(Beginning of Recorded information)
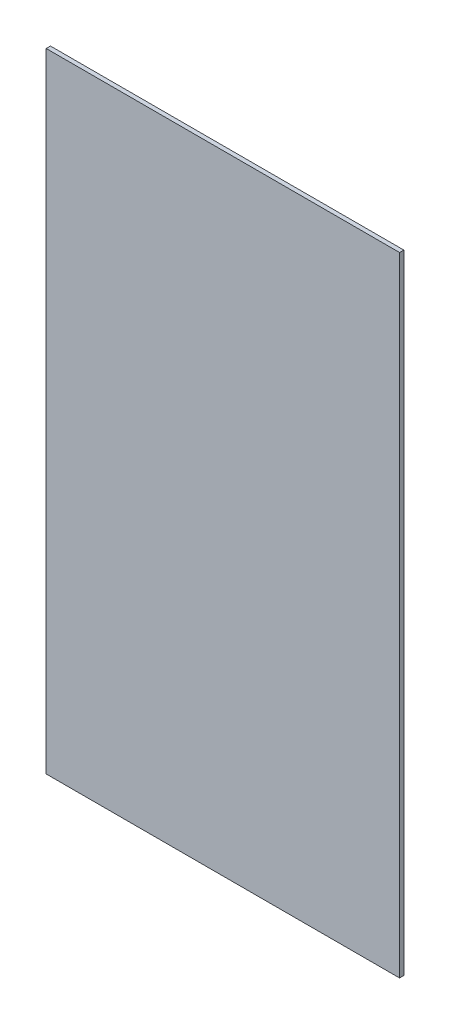
SolidWorks part; units mm, degrees
material "PMMA(有机玻璃)"
ref_plane "前视" through (0, 0, 0) normal (0, 0, 1) x (1, 0, 0)
ref_plane "上视" through (0, 0, 0) normal (0, 1, 0) x (1, 0, 0)
ref_plane "右视" through (0, 0, 0) normal (1, 0, 0) x (0, 0, -1)
sketch "草图1" plane through (0, 0, 0) normal (0, 0, 1) x (1, 0, 0)
  line L1 (-207, 368) -> (207, 368)
  line L2 (-207, 368) -> (-207, -368)
  line L3 (-207, -368) -> (207, -368)
  line L4 (207, 368) -> (207, -368)
  line L5 (-207, 368) -> (207, -368) construction
  line L6 (-207, -368) -> (207, 368) construction
  point P0 (0, 0)
  dimension "D1" = 736
  dimension "D2" = 414
extrude "凸台-拉伸1" add sketch "草图1" along normal blind 5
hole_wizard "M5 间隙孔1" positions "草图3" profile "草图2" hole size "M5" standard "GB"
sketch "草图3" plane through (0, 0, 5) normal (0, 0, 1) x (1, 0, 0)
  line L0 (-427.5, 273) -> (-427.5, -273) construction
  line L1 (-427.5, -273) -> (427.5, -273) construction
  line L2 (0, 273) -> (0, -273) construction
  line L3 (427.5, 273) -> (-427.5, 273) construction
  line L5 (-427.5, 0) -> (427.5, 0) construction
  line L6 (427.5, -273) -> (427.5, 273) construction
  point P0 (-375, -261)
  point P46 (415.5, 250)
  point P48 (-415.5, 250)
  point P58 (-125, -261)
  point P59 (125, -261)
  point P61 (-125, 261)
  point P62 (125, 261)
  point P64 (-375, 261)
  point P88 (375, -261)
  point P89 (375, 261)
  point P108 (415.5, 0)
  point P109 (-415.5, 0)
  point P110 (415.5, -250)
  point P111 (-415.5, -250)
  dimension "D1" = 12
  dimension "D2" = 12
  dimension "D5" = 3
  dimension "D3" = 12
  dimension "D6" = 4
  dimension "D4" = 2
sketch "草图2" plane through (-375, -261, 5) normal (1, 0, 0) x (0, -1, 0)
  line L0 (0, 0) -> (0, 5)
  line L1 (0, 5) -> (2.75, 5)
  line L2 (2.75, 5) -> (2.75, 0)
  line L5 (2.75, 0) -> (0, 0)
  line L11 (0, -6.35) -> (0, 107.95) construction
  dimension "通孔孔直径" = 5.5
  dimension "通孔孔深度" = 5
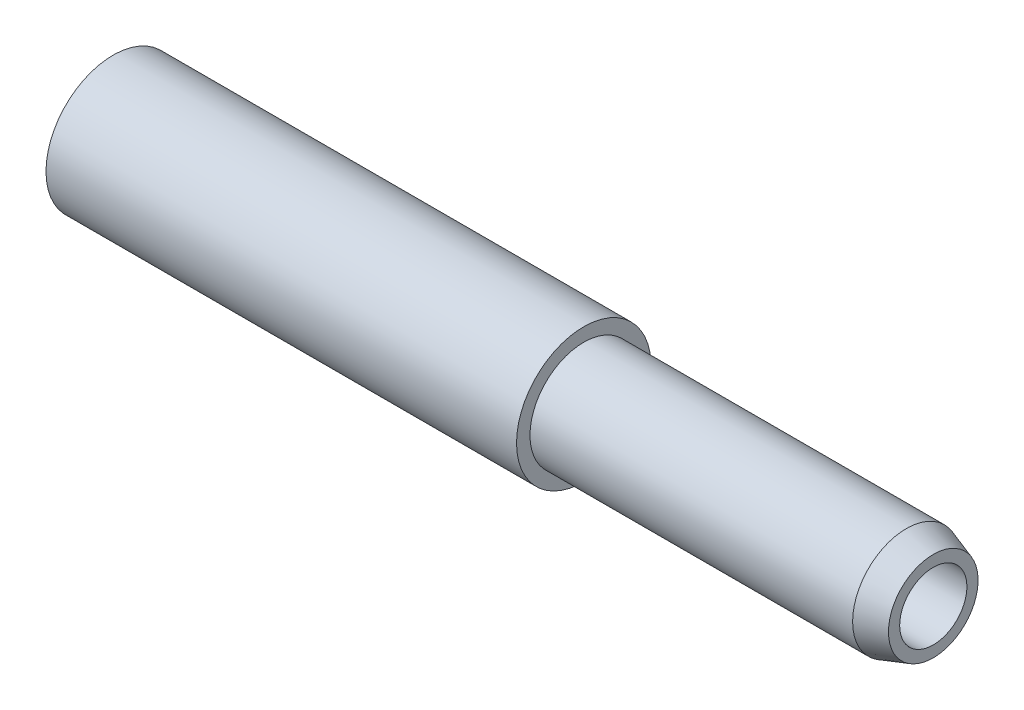
from build123d import *

# Parameters (mm, degrees)
CHAMFER1_SIZE  = 2
CHAMFER1_SIZE2 = 6


with BuildPart() as part:
    # Sketch1 → Revolve1 (revolve)
    with BuildSketch(Plane.XY, mode=Mode.PRIVATE) as revolve1_sk:
        Polygon((0, 7.5), (0, 15), (105, 15), (105, 12), (183, 12), (183, 7.5), (33, 7.5), (33, 3.25), (8, 3.25), (8, 7.5), align=None)
    revolve(revolve1_sk.sketch.rotate(Axis((0, 0, 0), (1, 0, 0)), 90), axis=Axis((0, 0, 0), (1, 0, 0)))

    # Chamfer1
    chamfer1_edges = [part.edges().sort_by_distance(p)[0] for p in [
        (183, 0, -12),
    ]]
    chamfer1_side = [part.faces().sort_by_distance(p)[0] for p in [
        (183, 0, -11.660588745),
    ]]
    chamfer(chamfer1_edges, length=CHAMFER1_SIZE, length2=CHAMFER1_SIZE2, reference=chamfer1_side[0])


solid = part.part
(End of Recorded information)
_What you need to do:_ Set down exactly the lines from the one that contains "with BuildSketch(Plane.XY, mode=Mode.PRIVATE)" to the final line above, both included, and nothing more.

_Response to this exercise:_
    with BuildSketch(Plane.XY, mode=Mode.PRIVATE) as revolve1_sk:
        Polygon((0, 7.5), (0, 15), (105, 15), (105, 12), (183, 12), (183, 7.5), (33, 7.5), (33, 3.25), (8, 3.25), (8, 7.5), align=None)
    revolve(revolve1_sk.sketch.rotate(Axis((0, 0, 0), (1, 0, 0)), 90), axis=Axis((0, 0, 0), (1, 0, 0)))

    # Chamfer1
    chamfer1_edges = [part.edges().sort_by_distance(p)[0] for p in [
        (183, 0, -12),
    ]]
    chamfer1_side = [part.faces().sort_by_distance(p)[0] for p in [
        (183, 0, -11.660588745),
    ]]
    chamfer(chamfer1_edges, length=CHAMFER1_SIZE, length2=CHAMFER1_SIZE2, reference=chamfer1_side[0])


solid = part.part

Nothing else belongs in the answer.